Content starts

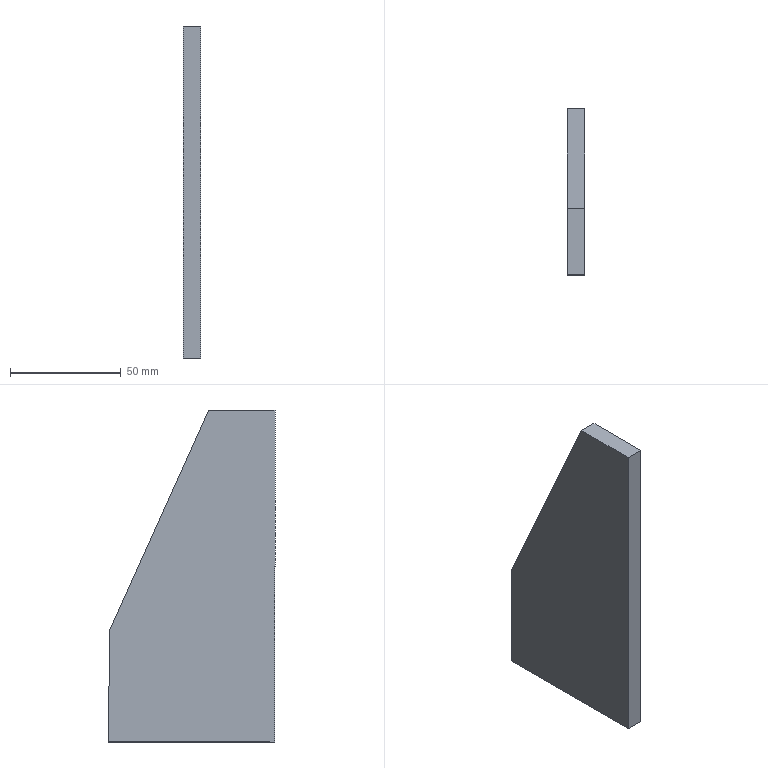Component | SolidWorks | TrolleyLeg-1_150X75X8-1 | 1 solid | 7 faces | box 8 x 75 x 150 mm | volume 72000 mm3 | plane 7 | material Plain Carbon Steel
STEP:
#1=COLOUR_RGB('',0.7922,0.8196,0.9333);
#2=FILL_AREA_STYLE_COLOUR('',#1);
#3=FILL_AREA_STYLE('',(#2));
#4=SURFACE_STYLE_FILL_AREA(#3);
#5=SURFACE_SIDE_STYLE('',(#4));
#6=SURFACE_STYLE_USAGE(.BOTH.,#5);
#7=PRESENTATION_STYLE_ASSIGNMENT((#6));
#8=CARTESIAN_POINT('',(-100.323,81.548,133.7));
#9=VERTEX_POINT('',#8);
#10=CARTESIAN_POINT('',(-100.323,81.548,127.794));
#11=VERTEX_POINT('',#10);
#12=CARTESIAN_POINT('',(-100.323,81.548,127.794));
#13=DIRECTION('',(-0.,0.,-1.));
#14=VECTOR('',#13,39.37);
#15=LINE('',#12,#14);
#16=EDGE_CURVE('',#9,#11,#15,.T.);
#17=ORIENTED_EDGE('',*,*,#16,.F.);
#18=CARTESIAN_POINT('',(-100.638,81.548,133.7));
#19=VERTEX_POINT('',#18);
#20=CARTESIAN_POINT('',(-100.638,81.548,133.7));
#21=DIRECTION('',(1.,0.,-0.));
#22=VECTOR('',#21,39.37);
#23=LINE('',#20,#22);
#24=EDGE_CURVE('',#19,#9,#23,.T.);
#25=ORIENTED_EDGE('',*,*,#24,.F.);
#26=CARTESIAN_POINT('',(-100.638,81.548,127.794));
#27=VERTEX_POINT('',#26);
#28=CARTESIAN_POINT('',(-100.638,81.548,127.794));
#29=DIRECTION('',(-0.,0.,-1.));
#30=VECTOR('',#29,39.37);
#31=LINE('',#28,#30);
#32=EDGE_CURVE('',#19,#27,#31,.T.);
#33=ORIENTED_EDGE('',*,*,#32,.T.);
#34=CARTESIAN_POINT('',(-100.638,81.548,127.794));
#35=DIRECTION('',(1.,0.,-0.));
#36=VECTOR('',#35,39.37);
#37=LINE('',#34,#36);
#38=EDGE_CURVE('',#27,#11,#37,.T.);
#39=ORIENTED_EDGE('',*,*,#38,.T.);
#40=EDGE_LOOP('',(#17,#25,#33,#39));
#41=FACE_OUTER_BOUND('',#40,.T.);
#42=CARTESIAN_POINT('',(-100.638,81.548,127.794));
#43=DIRECTION('',(0.,-1.,-0.));
#44=DIRECTION('',(-0.,0.,-1.));
#45=AXIS2_PLACEMENT_3D('',#42,#43,#44);
#46=PLANE('',#45);
#47=ADVANCED_FACE('',(#41),#46,.T.);
#48=CARTESIAN_POINT('',(-100.323,82.729,133.7));
#49=VERTEX_POINT('',#48);
#50=CARTESIAN_POINT('',(-100.323,81.548,133.7));
#51=DIRECTION('',(0.,-1.,-0.));
#52=VECTOR('',#51,39.37);
#53=LINE('',#50,#52);
#54=EDGE_CURVE('',#49,#9,#53,.T.);
#55=ORIENTED_EDGE('',*,*,#54,.F.);
#56=CARTESIAN_POINT('',(-100.638,82.729,133.7));
#57=VERTEX_POINT('',#56);
#58=CARTESIAN_POINT('',(-100.638,82.729,133.7));
#59=DIRECTION('',(1.,0.,-0.));
#60=VECTOR('',#59,39.37);
#61=LINE('',#58,#60);
#62=EDGE_CURVE('',#57,#49,#61,.T.);
#63=ORIENTED_EDGE('',*,*,#62,.F.);
#64=CARTESIAN_POINT('',(-100.638,81.548,133.7));
#65=DIRECTION('',(0.,-1.,-0.));
#66=VECTOR('',#65,39.37);
#67=LINE('',#64,#66);
#68=EDGE_CURVE('',#57,#19,#67,.T.);
#69=ORIENTED_EDGE('',*,*,#68,.T.);
#70=ORIENTED_EDGE('',*,*,#24,.T.);
#71=EDGE_LOOP('',(#55,#63,#69,#70));
#72=FACE_OUTER_BOUND('',#71,.T.);
#73=CARTESIAN_POINT('',(-100.638,81.548,133.7));
#74=DIRECTION('',(0.,-0.,1.));
#75=DIRECTION('',(0.,-1.,-0.));
#76=AXIS2_PLACEMENT_3D('',#73,#74,#75);
#77=PLANE('',#76);
#78=ADVANCED_FACE('',(#72),#77,.T.);
#79=CARTESIAN_POINT('',(-100.323,84.501,129.763));
#80=VERTEX_POINT('',#79);
#81=CARTESIAN_POINT('',(-100.323,82.729,133.7));
#82=DIRECTION('',(0.,-0.4104,0.9119));
#83=VECTOR('',#82,39.37);
#84=LINE('',#81,#83);
#85=EDGE_CURVE('',#80,#49,#84,.T.);
#86=ORIENTED_EDGE('',*,*,#85,.F.);
#87=CARTESIAN_POINT('',(-100.638,84.501,129.763));
#88=VERTEX_POINT('',#87);
#89=CARTESIAN_POINT('',(-100.638,84.501,129.763));
#90=DIRECTION('',(1.,0.,-0.));
#91=VECTOR('',#90,39.37);
#92=LINE('',#89,#91);
#93=EDGE_CURVE('',#88,#80,#92,.T.);
#94=ORIENTED_EDGE('',*,*,#93,.F.);
#95=CARTESIAN_POINT('',(-100.638,82.729,133.7));
#96=DIRECTION('',(0.,-0.4104,0.9119));
#97=VECTOR('',#96,39.37);
#98=LINE('',#95,#97);
#99=EDGE_CURVE('',#88,#57,#98,.T.);
#100=ORIENTED_EDGE('',*,*,#99,.T.);
#101=ORIENTED_EDGE('',*,*,#62,.T.);
#102=EDGE_LOOP('',(#86,#94,#100,#101));
#103=FACE_OUTER_BOUND('',#102,.T.);
#104=CARTESIAN_POINT('',(-100.638,82.729,133.7));
#105=DIRECTION('',(-0.,0.9119,0.4104));
#106=DIRECTION('',(0.,-0.4104,0.9119));
#107=AXIS2_PLACEMENT_3D('',#104,#105,#106);
#108=PLANE('',#107);
#109=ADVANCED_FACE('',(#103),#108,.T.);
#110=CARTESIAN_POINT('',(-100.323,84.501,127.794));
#111=VERTEX_POINT('',#110);
#112=CARTESIAN_POINT('',(-100.323,84.501,129.763));
#113=DIRECTION('',(0.,-0.,1.));
#114=VECTOR('',#113,39.37);
#115=LINE('',#112,#114);
#116=EDGE_CURVE('',#111,#80,#115,.T.);
#117=ORIENTED_EDGE('',*,*,#116,.F.);
#118=CARTESIAN_POINT('',(-100.638,84.501,127.794));
#119=VERTEX_POINT('',#118);
#120=CARTESIAN_POINT('',(-100.638,84.501,127.794));
#121=DIRECTION('',(1.,0.,-0.));
#122=VECTOR('',#121,39.37);
#123=LINE('',#120,#122);
#124=EDGE_CURVE('',#119,#111,#123,.T.);
#125=ORIENTED_EDGE('',*,*,#124,.F.);
#126=CARTESIAN_POINT('',(-100.638,84.501,129.763));
#127=DIRECTION('',(0.,-0.,1.));
#128=VECTOR('',#127,39.37);
#129=LINE('',#126,#128);
#130=EDGE_CURVE('',#119,#88,#129,.T.);
#131=ORIENTED_EDGE('',*,*,#130,.T.);
#132=ORIENTED_EDGE('',*,*,#93,.T.);
#133=EDGE_LOOP('',(#117,#125,#131,#132));
#134=FACE_OUTER_BOUND('',#133,.T.);
#135=CARTESIAN_POINT('',(-100.638,84.501,129.763));
#136=DIRECTION('',(-0.,1.,0.));
#137=DIRECTION('',(0.,-0.,1.));
#138=AXIS2_PLACEMENT_3D('',#135,#136,#137);
#139=PLANE('',#138);
#140=ADVANCED_FACE('',(#134),#139,.T.);
#141=CARTESIAN_POINT('',(-100.323,84.501,127.794));
#142=DIRECTION('',(-0.,1.,0.));
#143=VECTOR('',#142,39.37);
#144=LINE('',#141,#143);
#145=EDGE_CURVE('',#11,#111,#144,.T.);
#146=ORIENTED_EDGE('',*,*,#145,.F.);
#147=ORIENTED_EDGE('',*,*,#38,.F.);
#148=CARTESIAN_POINT('',(-100.638,84.501,127.794));
#149=DIRECTION('',(-0.,1.,0.));
#150=VECTOR('',#149,39.37);
#151=LINE('',#148,#150);
#152=EDGE_CURVE('',#27,#119,#151,.T.);
#153=ORIENTED_EDGE('',*,*,#152,.T.);
#154=ORIENTED_EDGE('',*,*,#124,.T.);
#155=EDGE_LOOP('',(#146,#147,#153,#154));
#156=FACE_OUTER_BOUND('',#155,.T.);
#157=CARTESIAN_POINT('',(-100.638,84.501,127.794));
#158=DIRECTION('',(-0.,0.,-1.));
#159=DIRECTION('',(-0.,1.,0.));
#160=AXIS2_PLACEMENT_3D('',#157,#158,#159);
#161=PLANE('',#160);
#162=ADVANCED_FACE('',(#156),#161,.T.);
#163=ORIENTED_EDGE('',*,*,#32,.F.);
#164=ORIENTED_EDGE('',*,*,#68,.F.);
#165=ORIENTED_EDGE('',*,*,#99,.F.);
#166=ORIENTED_EDGE('',*,*,#130,.F.);
#167=ORIENTED_EDGE('',*,*,#152,.F.);
#168=EDGE_LOOP('',(#163,#164,#165,#166,#167));
#169=FACE_OUTER_BOUND('',#168,.T.);
#170=CARTESIAN_POINT('',(-100.638,81.548,133.7));
#171=DIRECTION('',(-1.,-0.,0.));
#172=DIRECTION('',(0.,-0.,1.));
#173=AXIS2_PLACEMENT_3D('',#170,#171,#172);
#174=PLANE('',#173);
#175=ADVANCED_FACE('',(#169),#174,.T.);
#176=ORIENTED_EDGE('',*,*,#16,.T.);
#177=ORIENTED_EDGE('',*,*,#145,.T.);
#178=ORIENTED_EDGE('',*,*,#116,.T.);
#179=ORIENTED_EDGE('',*,*,#85,.T.);
#180=ORIENTED_EDGE('',*,*,#54,.T.);
#181=EDGE_LOOP('',(#176,#177,#178,#179,#180));
#182=FACE_OUTER_BOUND('',#181,.T.);
#183=CARTESIAN_POINT('',(-100.323,81.548,133.7));
#184=DIRECTION('',(-1.,-0.,0.));
#185=DIRECTION('',(0.,-0.,1.));
#186=AXIS2_PLACEMENT_3D('',#183,#184,#185);
#187=PLANE('',#186);
#188=ADVANCED_FACE('',(#182),#187,.F.);
#189=CLOSED_SHELL('',(#47,#78,#109,#140,#162,#175,#188));
#190=MANIFOLD_SOLID_BREP('',#189);
#191=STYLED_ITEM('',(#7),#190);
#192=(LENGTH_UNIT()NAMED_UNIT(*)SI_UNIT($,.METRE.));
#193=LENGTH_MEASURE_WITH_UNIT(LENGTH_MEASURE(0.0254),#192);
#194=DIMENSIONAL_EXPONENTS(1.,0.,0.,0.,0.,0.,0.);
#195=(CONVERSION_BASED_UNIT('',#193)LENGTH_UNIT()NAMED_UNIT(#194));
#196=UNCERTAINTY_MEASURE_WITH_UNIT(LENGTH_MEASURE(0.00001),#195,'','');
#197=(NAMED_UNIT(*)PLANE_ANGLE_UNIT()SI_UNIT($,.RADIAN.));
#198=(NAMED_UNIT(*)SI_UNIT($,.STERADIAN.)SOLID_ANGLE_UNIT());
#199=(GEOMETRIC_REPRESENTATION_CONTEXT(3)GLOBAL_UNCERTAINTY_ASSIGNED_CONTEXT((#196))GLOBAL_UNIT_ASSIGNED_CONTEXT((#195,#197,#198))REPRESENTATION_CONTEXT('',''));
#200=MECHANICAL_DESIGN_GEOMETRIC_PRESENTATION_REPRESENTATION('',(#191),#199);
#201=PRESENTATION_LAYER_ASSIGNMENT('','',(#191));
#202=CARTESIAN_POINT('',(0.,0.,0.));
#203=DIRECTION('',(0.,0.,1.));
#204=DIRECTION('',(1.,0.,0.));
#205=AXIS2_PLACEMENT_3D('',#202,#203,#204);
#206=(LENGTH_UNIT()NAMED_UNIT(*)SI_UNIT($,.METRE.));
#207=LENGTH_MEASURE_WITH_UNIT(LENGTH_MEASURE(0.0254),#206);
#208=DIMENSIONAL_EXPONENTS(1.,0.,0.,0.,0.,0.,0.);
#209=(CONVERSION_BASED_UNIT('',#207)LENGTH_UNIT()NAMED_UNIT(#208));
#210=UNCERTAINTY_MEASURE_WITH_UNIT(LENGTH_MEASURE(0.00001),#209,'','');
#211=(NAMED_UNIT(*)PLANE_ANGLE_UNIT()SI_UNIT($,.RADIAN.));
#212=(NAMED_UNIT(*)SI_UNIT($,.STERADIAN.)SOLID_ANGLE_UNIT());
#213=(GEOMETRIC_REPRESENTATION_CONTEXT(3)GLOBAL_UNCERTAINTY_ASSIGNED_CONTEXT((#210))GLOBAL_UNIT_ASSIGNED_CONTEXT((#209,#211,#212))REPRESENTATION_CONTEXT('',''));
#214=ADVANCED_BREP_SHAPE_REPRESENTATION('',(#190,#205),#213);

Content ends

Taking the entries above, print exactly the lines starting at the line with "#111=VERTEX_POINT('',#110);" and ending at the line with "#120=CARTESIAN_POINT('',(-100.638,84.501,127.794));", both included.

#111=VERTEX_POINT('',#110);
#112=CARTESIAN_POINT('',(-100.323,84.501,129.763));
#113=DIRECTION('',(0.,-0.,1.));
#114=VECTOR('',#113,39.37);
#115=LINE('',#112,#114);
#116=EDGE_CURVE('',#111,#80,#115,.T.);
#117=ORIENTED_EDGE('',*,*,#116,.F.);
#118=CARTESIAN_POINT('',(-100.638,84.501,127.794));
#119=VERTEX_POINT('',#118);
#120=CARTESIAN_POINT('',(-100.638,84.501,127.794));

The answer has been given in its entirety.